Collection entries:
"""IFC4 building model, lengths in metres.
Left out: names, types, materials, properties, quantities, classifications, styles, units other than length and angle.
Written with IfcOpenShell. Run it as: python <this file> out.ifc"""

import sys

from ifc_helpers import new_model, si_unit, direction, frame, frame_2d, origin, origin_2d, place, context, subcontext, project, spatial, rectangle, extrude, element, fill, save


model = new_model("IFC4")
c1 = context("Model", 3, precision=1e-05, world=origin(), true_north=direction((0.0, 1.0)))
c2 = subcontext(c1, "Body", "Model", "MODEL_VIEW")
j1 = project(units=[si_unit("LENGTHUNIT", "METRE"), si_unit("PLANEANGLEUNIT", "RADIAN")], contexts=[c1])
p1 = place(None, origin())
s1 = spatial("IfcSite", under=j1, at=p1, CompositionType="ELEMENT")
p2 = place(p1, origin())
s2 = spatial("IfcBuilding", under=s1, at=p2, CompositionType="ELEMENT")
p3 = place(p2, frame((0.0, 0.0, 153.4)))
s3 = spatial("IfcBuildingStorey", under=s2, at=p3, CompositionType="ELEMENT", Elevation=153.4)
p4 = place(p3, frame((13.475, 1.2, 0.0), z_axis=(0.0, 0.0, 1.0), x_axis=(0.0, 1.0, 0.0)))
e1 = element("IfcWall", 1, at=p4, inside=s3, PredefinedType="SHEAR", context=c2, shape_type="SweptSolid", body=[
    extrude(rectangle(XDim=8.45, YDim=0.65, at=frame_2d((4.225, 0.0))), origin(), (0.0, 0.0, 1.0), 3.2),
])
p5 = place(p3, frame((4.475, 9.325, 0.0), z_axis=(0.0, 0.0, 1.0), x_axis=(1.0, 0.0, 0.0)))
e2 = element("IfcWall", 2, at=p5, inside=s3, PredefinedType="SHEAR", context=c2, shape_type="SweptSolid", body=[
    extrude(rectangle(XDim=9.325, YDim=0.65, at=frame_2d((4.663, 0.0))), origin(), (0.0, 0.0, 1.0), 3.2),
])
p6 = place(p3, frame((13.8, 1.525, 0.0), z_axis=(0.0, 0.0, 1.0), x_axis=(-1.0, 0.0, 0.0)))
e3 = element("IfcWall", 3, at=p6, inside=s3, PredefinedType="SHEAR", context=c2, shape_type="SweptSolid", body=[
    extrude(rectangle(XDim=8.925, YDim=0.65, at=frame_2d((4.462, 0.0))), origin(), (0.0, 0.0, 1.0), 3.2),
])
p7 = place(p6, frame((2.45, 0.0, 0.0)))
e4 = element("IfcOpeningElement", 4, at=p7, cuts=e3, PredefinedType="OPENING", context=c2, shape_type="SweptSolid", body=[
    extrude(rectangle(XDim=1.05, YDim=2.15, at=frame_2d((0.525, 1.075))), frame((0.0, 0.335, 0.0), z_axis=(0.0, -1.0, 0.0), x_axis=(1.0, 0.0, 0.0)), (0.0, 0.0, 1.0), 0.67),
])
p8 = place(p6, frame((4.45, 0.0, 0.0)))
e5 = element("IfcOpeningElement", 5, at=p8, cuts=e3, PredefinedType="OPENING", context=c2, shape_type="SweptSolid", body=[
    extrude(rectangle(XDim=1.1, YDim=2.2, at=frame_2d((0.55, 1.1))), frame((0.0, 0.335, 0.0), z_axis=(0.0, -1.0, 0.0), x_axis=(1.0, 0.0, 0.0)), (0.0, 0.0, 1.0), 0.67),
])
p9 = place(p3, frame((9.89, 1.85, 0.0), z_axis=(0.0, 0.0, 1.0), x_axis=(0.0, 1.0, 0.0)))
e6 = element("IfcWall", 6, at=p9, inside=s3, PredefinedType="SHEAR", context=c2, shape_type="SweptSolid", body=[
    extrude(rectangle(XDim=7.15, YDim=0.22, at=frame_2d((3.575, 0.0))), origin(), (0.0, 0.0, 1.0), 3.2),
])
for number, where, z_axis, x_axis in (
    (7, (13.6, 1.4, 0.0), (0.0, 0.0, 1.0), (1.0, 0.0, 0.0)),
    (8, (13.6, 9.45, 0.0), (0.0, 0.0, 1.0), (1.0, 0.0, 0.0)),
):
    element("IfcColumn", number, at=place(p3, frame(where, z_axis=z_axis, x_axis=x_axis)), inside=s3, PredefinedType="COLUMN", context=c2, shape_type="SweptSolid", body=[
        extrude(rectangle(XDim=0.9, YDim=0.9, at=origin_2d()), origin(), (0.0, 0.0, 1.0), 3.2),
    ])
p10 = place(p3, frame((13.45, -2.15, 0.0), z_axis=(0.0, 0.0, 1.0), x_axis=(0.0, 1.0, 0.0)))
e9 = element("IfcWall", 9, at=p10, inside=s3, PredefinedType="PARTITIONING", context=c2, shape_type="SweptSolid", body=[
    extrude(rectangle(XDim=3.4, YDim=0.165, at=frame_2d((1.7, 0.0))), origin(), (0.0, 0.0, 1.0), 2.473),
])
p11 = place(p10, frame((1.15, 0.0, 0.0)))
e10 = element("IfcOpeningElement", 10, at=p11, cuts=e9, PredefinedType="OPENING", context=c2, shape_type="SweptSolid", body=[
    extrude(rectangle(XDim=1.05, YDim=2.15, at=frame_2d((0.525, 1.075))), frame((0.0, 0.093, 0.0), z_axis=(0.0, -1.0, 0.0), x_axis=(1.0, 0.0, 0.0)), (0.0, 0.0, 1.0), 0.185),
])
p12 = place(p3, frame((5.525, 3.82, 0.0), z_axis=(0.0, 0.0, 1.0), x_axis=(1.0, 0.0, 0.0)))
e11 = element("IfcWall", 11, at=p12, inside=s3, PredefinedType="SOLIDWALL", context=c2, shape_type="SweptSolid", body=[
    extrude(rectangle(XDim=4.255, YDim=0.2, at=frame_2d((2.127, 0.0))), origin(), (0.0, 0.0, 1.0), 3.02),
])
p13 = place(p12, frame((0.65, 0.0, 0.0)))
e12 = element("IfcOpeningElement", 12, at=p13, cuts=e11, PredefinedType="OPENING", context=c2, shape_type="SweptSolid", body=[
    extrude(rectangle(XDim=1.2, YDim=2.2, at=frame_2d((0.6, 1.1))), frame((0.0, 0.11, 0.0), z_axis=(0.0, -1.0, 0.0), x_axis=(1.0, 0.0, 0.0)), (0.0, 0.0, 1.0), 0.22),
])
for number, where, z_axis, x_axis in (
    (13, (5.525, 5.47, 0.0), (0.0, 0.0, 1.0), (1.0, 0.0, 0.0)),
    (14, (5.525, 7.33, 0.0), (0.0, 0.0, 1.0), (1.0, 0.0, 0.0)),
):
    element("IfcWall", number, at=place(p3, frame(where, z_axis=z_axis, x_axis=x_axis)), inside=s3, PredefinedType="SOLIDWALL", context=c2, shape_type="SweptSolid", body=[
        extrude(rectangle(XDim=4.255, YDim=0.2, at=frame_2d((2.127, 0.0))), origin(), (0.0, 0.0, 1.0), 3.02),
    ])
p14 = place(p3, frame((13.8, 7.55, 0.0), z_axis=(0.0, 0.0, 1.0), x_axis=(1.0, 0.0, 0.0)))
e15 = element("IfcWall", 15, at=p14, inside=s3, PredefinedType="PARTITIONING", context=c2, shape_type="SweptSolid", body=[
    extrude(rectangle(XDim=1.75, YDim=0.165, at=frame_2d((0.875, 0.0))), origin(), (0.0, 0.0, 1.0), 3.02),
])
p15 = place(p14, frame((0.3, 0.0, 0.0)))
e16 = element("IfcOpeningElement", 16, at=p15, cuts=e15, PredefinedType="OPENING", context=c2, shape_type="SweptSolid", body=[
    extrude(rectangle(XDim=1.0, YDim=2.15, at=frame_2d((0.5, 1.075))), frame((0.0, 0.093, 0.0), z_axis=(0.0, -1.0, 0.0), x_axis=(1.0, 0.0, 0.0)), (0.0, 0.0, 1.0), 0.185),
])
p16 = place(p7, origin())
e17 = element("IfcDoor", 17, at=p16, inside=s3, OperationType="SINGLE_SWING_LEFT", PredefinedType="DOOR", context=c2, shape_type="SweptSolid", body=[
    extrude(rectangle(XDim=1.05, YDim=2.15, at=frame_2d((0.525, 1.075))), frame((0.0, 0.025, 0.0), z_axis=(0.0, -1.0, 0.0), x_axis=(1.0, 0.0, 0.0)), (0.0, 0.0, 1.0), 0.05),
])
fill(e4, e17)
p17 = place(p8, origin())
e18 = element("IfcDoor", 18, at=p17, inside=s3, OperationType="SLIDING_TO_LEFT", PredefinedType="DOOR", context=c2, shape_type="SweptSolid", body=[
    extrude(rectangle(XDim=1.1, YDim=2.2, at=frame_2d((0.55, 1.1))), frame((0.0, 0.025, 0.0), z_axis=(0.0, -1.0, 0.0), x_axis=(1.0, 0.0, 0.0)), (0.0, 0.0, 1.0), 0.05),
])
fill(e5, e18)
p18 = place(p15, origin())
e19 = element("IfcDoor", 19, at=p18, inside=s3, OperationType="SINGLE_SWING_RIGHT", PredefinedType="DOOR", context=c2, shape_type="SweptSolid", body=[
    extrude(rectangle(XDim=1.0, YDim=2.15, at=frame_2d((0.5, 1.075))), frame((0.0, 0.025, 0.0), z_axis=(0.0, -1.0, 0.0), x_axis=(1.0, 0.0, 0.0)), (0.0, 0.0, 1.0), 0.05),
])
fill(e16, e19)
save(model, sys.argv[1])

**DIRECTIONS FOR THIS TASK**
Would you tally the lines above holding "OperationType" and reply with the total alone?

**RESPONSE FOR THIS EXERCISE**
3